### Task
The word "COLUMN" occurs in some lines of the data. Return each such line.

#####

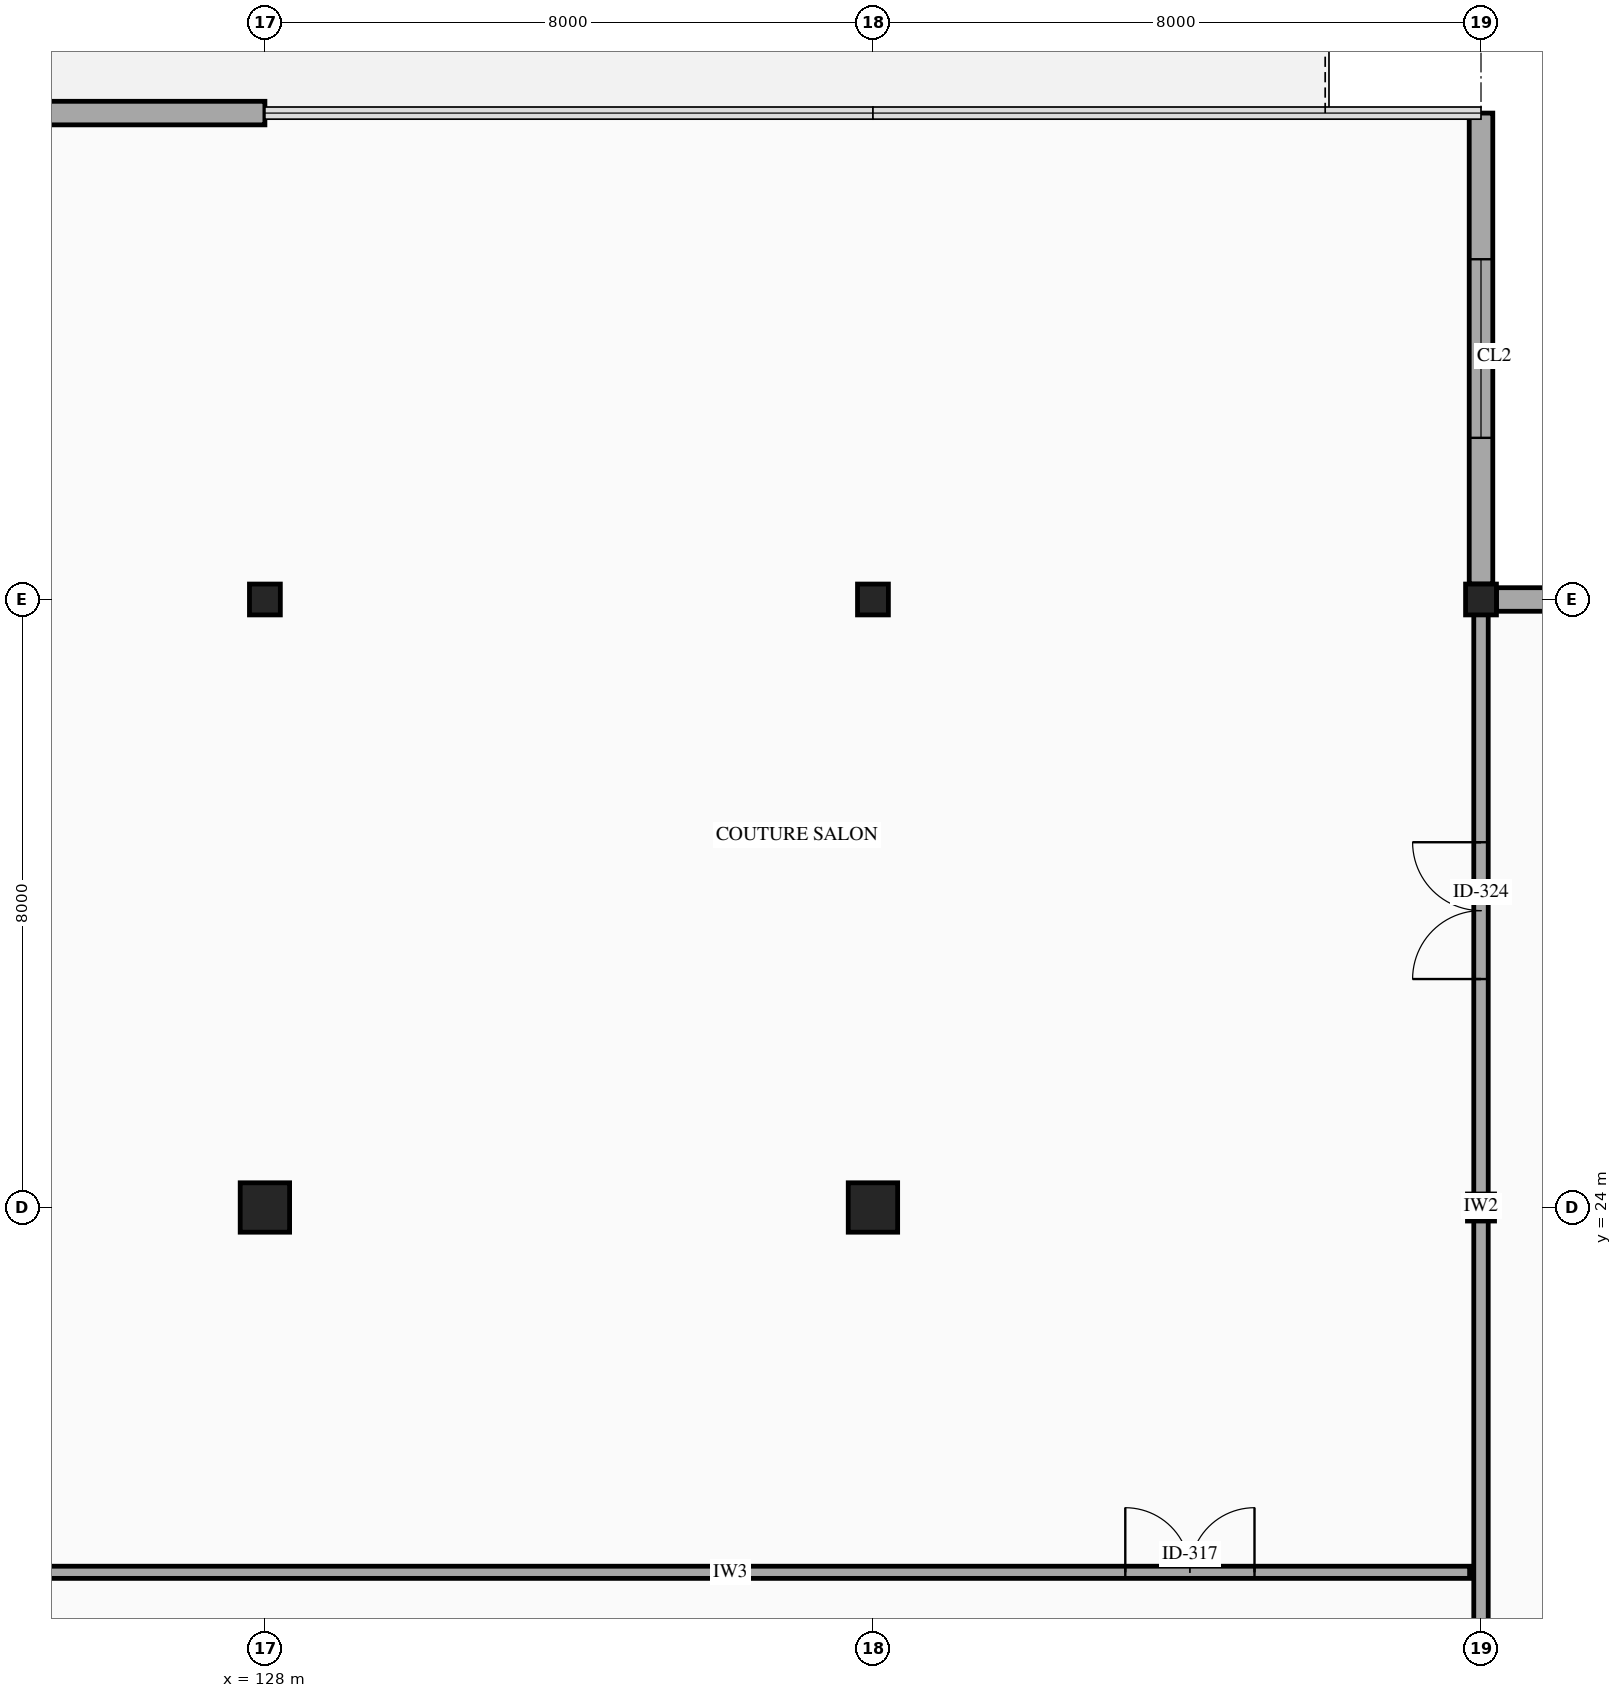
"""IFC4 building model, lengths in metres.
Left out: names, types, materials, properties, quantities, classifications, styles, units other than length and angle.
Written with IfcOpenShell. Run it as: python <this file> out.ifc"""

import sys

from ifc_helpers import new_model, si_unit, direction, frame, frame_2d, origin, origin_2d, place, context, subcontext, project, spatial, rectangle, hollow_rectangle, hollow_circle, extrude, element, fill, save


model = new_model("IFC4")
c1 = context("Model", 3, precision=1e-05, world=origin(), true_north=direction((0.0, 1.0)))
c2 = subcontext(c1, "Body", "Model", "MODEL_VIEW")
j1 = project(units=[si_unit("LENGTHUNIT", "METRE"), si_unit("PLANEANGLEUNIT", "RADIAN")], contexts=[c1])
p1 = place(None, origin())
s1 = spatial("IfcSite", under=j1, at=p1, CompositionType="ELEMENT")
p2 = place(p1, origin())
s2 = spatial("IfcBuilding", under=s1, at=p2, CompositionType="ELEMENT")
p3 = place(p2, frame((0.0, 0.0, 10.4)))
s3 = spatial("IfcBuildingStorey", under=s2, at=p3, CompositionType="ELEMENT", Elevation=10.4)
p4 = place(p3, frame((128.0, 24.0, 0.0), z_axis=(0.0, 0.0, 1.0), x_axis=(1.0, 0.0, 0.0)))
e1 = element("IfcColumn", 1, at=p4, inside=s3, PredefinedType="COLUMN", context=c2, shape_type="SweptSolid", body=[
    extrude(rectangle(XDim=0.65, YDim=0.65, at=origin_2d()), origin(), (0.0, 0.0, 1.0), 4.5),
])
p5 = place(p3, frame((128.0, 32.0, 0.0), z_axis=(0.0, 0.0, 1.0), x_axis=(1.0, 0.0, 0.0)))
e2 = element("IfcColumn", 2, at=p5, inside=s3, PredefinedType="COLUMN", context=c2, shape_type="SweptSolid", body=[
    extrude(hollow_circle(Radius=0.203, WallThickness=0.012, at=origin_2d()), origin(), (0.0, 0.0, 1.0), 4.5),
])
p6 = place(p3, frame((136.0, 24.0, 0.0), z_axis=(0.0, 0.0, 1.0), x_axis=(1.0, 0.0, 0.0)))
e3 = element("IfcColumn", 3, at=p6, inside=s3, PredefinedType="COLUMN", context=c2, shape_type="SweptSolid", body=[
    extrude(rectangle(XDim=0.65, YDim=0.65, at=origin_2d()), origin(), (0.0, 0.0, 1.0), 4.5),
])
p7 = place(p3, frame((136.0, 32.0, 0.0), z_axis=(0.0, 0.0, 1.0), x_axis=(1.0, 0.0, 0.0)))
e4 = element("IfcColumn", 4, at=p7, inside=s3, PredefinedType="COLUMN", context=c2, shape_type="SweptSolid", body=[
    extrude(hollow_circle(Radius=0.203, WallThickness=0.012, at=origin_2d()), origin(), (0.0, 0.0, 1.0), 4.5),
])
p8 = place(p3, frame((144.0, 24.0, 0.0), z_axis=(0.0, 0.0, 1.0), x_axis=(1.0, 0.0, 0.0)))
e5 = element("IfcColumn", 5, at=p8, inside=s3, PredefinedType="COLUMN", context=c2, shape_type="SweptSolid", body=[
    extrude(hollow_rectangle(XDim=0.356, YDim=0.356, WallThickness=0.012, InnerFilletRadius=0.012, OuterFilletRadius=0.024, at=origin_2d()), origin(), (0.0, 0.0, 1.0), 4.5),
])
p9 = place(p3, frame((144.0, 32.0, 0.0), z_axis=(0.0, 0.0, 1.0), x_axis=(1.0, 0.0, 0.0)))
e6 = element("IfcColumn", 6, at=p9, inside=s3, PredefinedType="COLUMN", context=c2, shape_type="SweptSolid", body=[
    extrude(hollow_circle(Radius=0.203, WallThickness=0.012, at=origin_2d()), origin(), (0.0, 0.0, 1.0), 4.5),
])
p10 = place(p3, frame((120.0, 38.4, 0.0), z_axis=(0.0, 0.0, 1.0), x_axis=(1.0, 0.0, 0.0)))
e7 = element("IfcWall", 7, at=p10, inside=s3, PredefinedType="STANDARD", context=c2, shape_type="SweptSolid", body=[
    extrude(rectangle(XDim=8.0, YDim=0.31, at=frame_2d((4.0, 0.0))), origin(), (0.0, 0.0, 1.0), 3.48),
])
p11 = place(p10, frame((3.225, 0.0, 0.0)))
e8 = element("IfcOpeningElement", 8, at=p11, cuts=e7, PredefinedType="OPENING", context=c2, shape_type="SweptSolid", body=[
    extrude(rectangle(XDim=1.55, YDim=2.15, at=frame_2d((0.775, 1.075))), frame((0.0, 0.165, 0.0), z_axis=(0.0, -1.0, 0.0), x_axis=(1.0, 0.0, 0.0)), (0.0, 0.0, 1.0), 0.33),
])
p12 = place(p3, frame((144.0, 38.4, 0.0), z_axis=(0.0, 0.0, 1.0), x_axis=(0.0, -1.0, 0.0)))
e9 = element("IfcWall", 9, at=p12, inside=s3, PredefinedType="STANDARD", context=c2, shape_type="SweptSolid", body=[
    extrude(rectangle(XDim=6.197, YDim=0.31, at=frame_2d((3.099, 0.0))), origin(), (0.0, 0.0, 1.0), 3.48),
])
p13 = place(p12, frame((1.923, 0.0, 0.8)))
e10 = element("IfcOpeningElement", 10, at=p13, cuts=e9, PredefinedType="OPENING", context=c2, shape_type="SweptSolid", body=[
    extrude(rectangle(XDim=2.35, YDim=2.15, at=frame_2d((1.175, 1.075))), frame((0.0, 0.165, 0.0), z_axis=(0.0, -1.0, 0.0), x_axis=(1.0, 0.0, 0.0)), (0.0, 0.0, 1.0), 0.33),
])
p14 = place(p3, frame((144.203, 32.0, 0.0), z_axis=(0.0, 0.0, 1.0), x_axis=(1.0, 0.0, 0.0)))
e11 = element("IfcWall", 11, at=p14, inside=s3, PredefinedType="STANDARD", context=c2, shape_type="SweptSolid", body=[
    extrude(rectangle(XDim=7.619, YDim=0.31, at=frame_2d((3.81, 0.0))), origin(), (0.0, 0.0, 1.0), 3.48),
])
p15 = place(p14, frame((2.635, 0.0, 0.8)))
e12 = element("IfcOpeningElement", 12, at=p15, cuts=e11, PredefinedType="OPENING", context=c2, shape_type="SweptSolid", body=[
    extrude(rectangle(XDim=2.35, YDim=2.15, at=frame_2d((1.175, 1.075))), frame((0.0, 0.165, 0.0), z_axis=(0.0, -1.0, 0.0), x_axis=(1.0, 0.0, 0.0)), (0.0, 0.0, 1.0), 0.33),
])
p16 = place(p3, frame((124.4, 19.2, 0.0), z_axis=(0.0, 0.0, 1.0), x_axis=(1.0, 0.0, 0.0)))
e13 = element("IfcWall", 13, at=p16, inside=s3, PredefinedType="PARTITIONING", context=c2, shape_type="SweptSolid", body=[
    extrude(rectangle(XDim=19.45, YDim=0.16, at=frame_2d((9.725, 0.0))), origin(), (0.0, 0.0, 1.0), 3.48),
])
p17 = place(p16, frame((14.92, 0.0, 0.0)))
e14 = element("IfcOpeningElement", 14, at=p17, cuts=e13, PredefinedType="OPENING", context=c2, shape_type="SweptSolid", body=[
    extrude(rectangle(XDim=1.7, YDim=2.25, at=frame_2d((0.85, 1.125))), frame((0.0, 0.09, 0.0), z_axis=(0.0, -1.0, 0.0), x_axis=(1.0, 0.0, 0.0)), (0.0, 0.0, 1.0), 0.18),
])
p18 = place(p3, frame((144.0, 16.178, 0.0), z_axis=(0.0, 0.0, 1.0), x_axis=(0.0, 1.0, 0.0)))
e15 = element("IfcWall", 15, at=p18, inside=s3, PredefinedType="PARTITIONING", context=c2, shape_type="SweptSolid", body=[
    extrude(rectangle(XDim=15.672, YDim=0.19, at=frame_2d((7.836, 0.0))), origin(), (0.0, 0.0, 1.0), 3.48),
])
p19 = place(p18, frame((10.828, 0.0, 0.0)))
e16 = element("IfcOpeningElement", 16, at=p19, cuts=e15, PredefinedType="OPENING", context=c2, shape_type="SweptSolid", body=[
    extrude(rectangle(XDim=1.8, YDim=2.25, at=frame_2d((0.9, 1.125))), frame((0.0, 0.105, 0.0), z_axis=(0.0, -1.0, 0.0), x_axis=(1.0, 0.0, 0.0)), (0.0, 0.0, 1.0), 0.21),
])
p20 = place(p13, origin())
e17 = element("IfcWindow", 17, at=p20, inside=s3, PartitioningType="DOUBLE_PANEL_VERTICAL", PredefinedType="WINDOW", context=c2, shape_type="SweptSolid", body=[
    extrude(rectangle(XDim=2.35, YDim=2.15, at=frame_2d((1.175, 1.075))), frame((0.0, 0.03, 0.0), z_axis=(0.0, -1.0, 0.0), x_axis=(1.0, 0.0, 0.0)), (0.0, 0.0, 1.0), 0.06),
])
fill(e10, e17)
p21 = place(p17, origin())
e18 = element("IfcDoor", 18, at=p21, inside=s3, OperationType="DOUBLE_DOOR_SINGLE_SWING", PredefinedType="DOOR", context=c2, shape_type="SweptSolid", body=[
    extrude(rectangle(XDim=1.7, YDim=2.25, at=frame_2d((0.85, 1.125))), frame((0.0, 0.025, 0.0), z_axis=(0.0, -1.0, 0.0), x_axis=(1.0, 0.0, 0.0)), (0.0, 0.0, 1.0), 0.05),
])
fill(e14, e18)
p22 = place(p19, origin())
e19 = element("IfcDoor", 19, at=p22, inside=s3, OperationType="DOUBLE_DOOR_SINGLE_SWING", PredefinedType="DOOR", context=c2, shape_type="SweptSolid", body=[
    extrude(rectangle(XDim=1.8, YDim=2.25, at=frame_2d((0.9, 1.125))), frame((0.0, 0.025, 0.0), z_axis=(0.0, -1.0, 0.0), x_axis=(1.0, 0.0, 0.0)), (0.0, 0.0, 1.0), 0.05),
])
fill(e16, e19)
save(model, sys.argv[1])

#####

### Response to the task
e1 = element("IfcColumn", 1, at=p4, inside=s3, PredefinedType="COLUMN", context=c2, shape_type="SweptSolid", body=[
e2 = element("IfcColumn", 2, at=p5, inside=s3, PredefinedType="COLUMN", context=c2, shape_type="SweptSolid", body=[
e3 = element("IfcColumn", 3, at=p6, inside=s3, PredefinedType="COLUMN", context=c2, shape_type="SweptSolid", body=[
e4 = element("IfcColumn", 4, at=p7, inside=s3, PredefinedType="COLUMN", context=c2, shape_type="SweptSolid", body=[
e5 = element("IfcColumn", 5, at=p8, inside=s3, PredefinedType="COLUMN", context=c2, shape_type="SweptSolid", body=[
e6 = element("IfcColumn", 6, at=p9, inside=s3, PredefinedType="COLUMN", context=c2, shape_type="SweptSolid", body=[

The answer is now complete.